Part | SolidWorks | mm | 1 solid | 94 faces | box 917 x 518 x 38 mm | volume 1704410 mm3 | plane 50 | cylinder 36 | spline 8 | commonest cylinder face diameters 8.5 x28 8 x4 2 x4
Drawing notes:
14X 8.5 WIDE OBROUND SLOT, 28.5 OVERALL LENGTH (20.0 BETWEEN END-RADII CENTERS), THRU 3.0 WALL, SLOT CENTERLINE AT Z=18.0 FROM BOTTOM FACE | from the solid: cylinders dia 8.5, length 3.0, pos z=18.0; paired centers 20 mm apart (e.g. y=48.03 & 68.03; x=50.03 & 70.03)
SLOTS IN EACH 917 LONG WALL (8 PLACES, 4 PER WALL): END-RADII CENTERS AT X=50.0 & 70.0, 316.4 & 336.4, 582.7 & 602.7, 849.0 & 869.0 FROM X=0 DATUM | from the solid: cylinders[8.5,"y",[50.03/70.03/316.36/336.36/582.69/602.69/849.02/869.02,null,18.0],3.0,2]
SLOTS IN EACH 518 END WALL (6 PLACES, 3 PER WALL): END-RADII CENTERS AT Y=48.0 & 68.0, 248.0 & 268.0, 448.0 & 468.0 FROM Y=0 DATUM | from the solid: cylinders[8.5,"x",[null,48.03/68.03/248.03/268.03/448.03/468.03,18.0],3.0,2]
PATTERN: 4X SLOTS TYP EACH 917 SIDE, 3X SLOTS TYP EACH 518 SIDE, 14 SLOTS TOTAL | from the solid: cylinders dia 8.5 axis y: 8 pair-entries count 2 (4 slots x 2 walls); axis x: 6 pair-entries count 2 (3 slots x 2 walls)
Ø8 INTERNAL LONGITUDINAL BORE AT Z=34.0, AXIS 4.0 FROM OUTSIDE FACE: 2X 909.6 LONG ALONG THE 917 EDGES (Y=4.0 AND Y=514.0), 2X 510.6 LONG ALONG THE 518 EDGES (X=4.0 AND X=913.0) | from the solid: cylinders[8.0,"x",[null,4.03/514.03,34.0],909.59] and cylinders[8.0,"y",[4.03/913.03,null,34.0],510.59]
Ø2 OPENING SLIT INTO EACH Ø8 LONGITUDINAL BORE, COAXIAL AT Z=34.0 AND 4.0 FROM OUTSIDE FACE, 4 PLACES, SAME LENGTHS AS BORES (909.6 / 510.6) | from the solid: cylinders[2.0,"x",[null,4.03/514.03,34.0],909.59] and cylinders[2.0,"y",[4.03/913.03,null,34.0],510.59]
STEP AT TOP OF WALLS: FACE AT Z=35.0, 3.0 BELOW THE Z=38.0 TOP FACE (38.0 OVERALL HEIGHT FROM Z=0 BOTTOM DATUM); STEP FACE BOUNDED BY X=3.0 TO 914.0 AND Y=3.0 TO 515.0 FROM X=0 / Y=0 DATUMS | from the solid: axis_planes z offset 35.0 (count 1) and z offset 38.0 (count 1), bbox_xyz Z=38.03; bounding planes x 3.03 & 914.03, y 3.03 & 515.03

*Description of the task*. All entries must be duplicated exactly, with none left out.

*Reply*.
Part | SolidWorks | mm | 1 solid | 94 faces | box 917 x 518 x 38 mm | volume 1704410 mm3 | plane 50 | cylinder 36 | spline 8 | commonest cylinder face diameters 8.5 x28 8 x4 2 x4
Drawing notes:
14X 8.5 WIDE OBROUND SLOT, 28.5 OVERALL LENGTH (20.0 BETWEEN END-RADII CENTERS), THRU 3.0 WALL, SLOT CENTERLINE AT Z=18.0 FROM BOTTOM FACE | from the solid: cylinders dia 8.5, length 3.0, pos z=18.0; paired centers 20 mm apart (e.g. y=48.03 & 68.03; x=50.03 & 70.03)
SLOTS IN EACH 917 LONG WALL (8 PLACES, 4 PER WALL): END-RADII CENTERS AT X=50.0 & 70.0, 316.4 & 336.4, 582.7 & 602.7, 849.0 & 869.0 FROM X=0 DATUM | from the solid: cylinders[8.5,"y",[50.03/70.03/316.36/336.36/582.69/602.69/849.02/869.02,null,18.0],3.0,2]
SLOTS IN EACH 518 END WALL (6 PLACES, 3 PER WALL): END-RADII CENTERS AT Y=48.0 & 68.0, 248.0 & 268.0, 448.0 & 468.0 FROM Y=0 DATUM | from the solid: cylinders[8.5,"x",[null,48.03/68.03/248.03/268.03/448.03/468.03,18.0],3.0,2]
PATTERN: 4X SLOTS TYP EACH 917 SIDE, 3X SLOTS TYP EACH 518 SIDE, 14 SLOTS TOTAL | from the solid: cylinders dia 8.5 axis y: 8 pair-entries count 2 (4 slots x 2 walls); axis x: 6 pair-entries count 2 (3 slots x 2 walls)
Ø8 INTERNAL LONGITUDINAL BORE AT Z=34.0, AXIS 4.0 FROM OUTSIDE FACE: 2X 909.6 LONG ALONG THE 917 EDGES (Y=4.0 AND Y=514.0), 2X 510.6 LONG ALONG THE 518 EDGES (X=4.0 AND X=913.0) | from the solid: cylinders[8.0,"x",[null,4.03/514.03,34.0],909.59] and cylinders[8.0,"y",[4.03/913.03,null,34.0],510.59]
Ø2 OPENING SLIT INTO EACH Ø8 LONGITUDINAL BORE, COAXIAL AT Z=34.0 AND 4.0 FROM OUTSIDE FACE, 4 PLACES, SAME LENGTHS AS BORES (909.6 / 510.6) | from the solid: cylinders[2.0,"x",[null,4.03/514.03,34.0],909.59] and cylinders[2.0,"y",[4.03/913.03,null,34.0],510.59]
STEP AT TOP OF WALLS: FACE AT Z=35.0, 3.0 BELOW THE Z=38.0 TOP FACE (38.0 OVERALL HEIGHT FROM Z=0 BOTTOM DATUM); STEP FACE BOUNDED BY X=3.0 TO 914.0 AND Y=3.0 TO 515.0 FROM X=0 / Y=0 DATUMS | from the solid: axis_planes z offset 35.0 (count 1) and z offset 38.0 (count 1), bbox_xyz Z=38.03; bounding planes x 3.03 & 914.03, y 3.03 & 515.03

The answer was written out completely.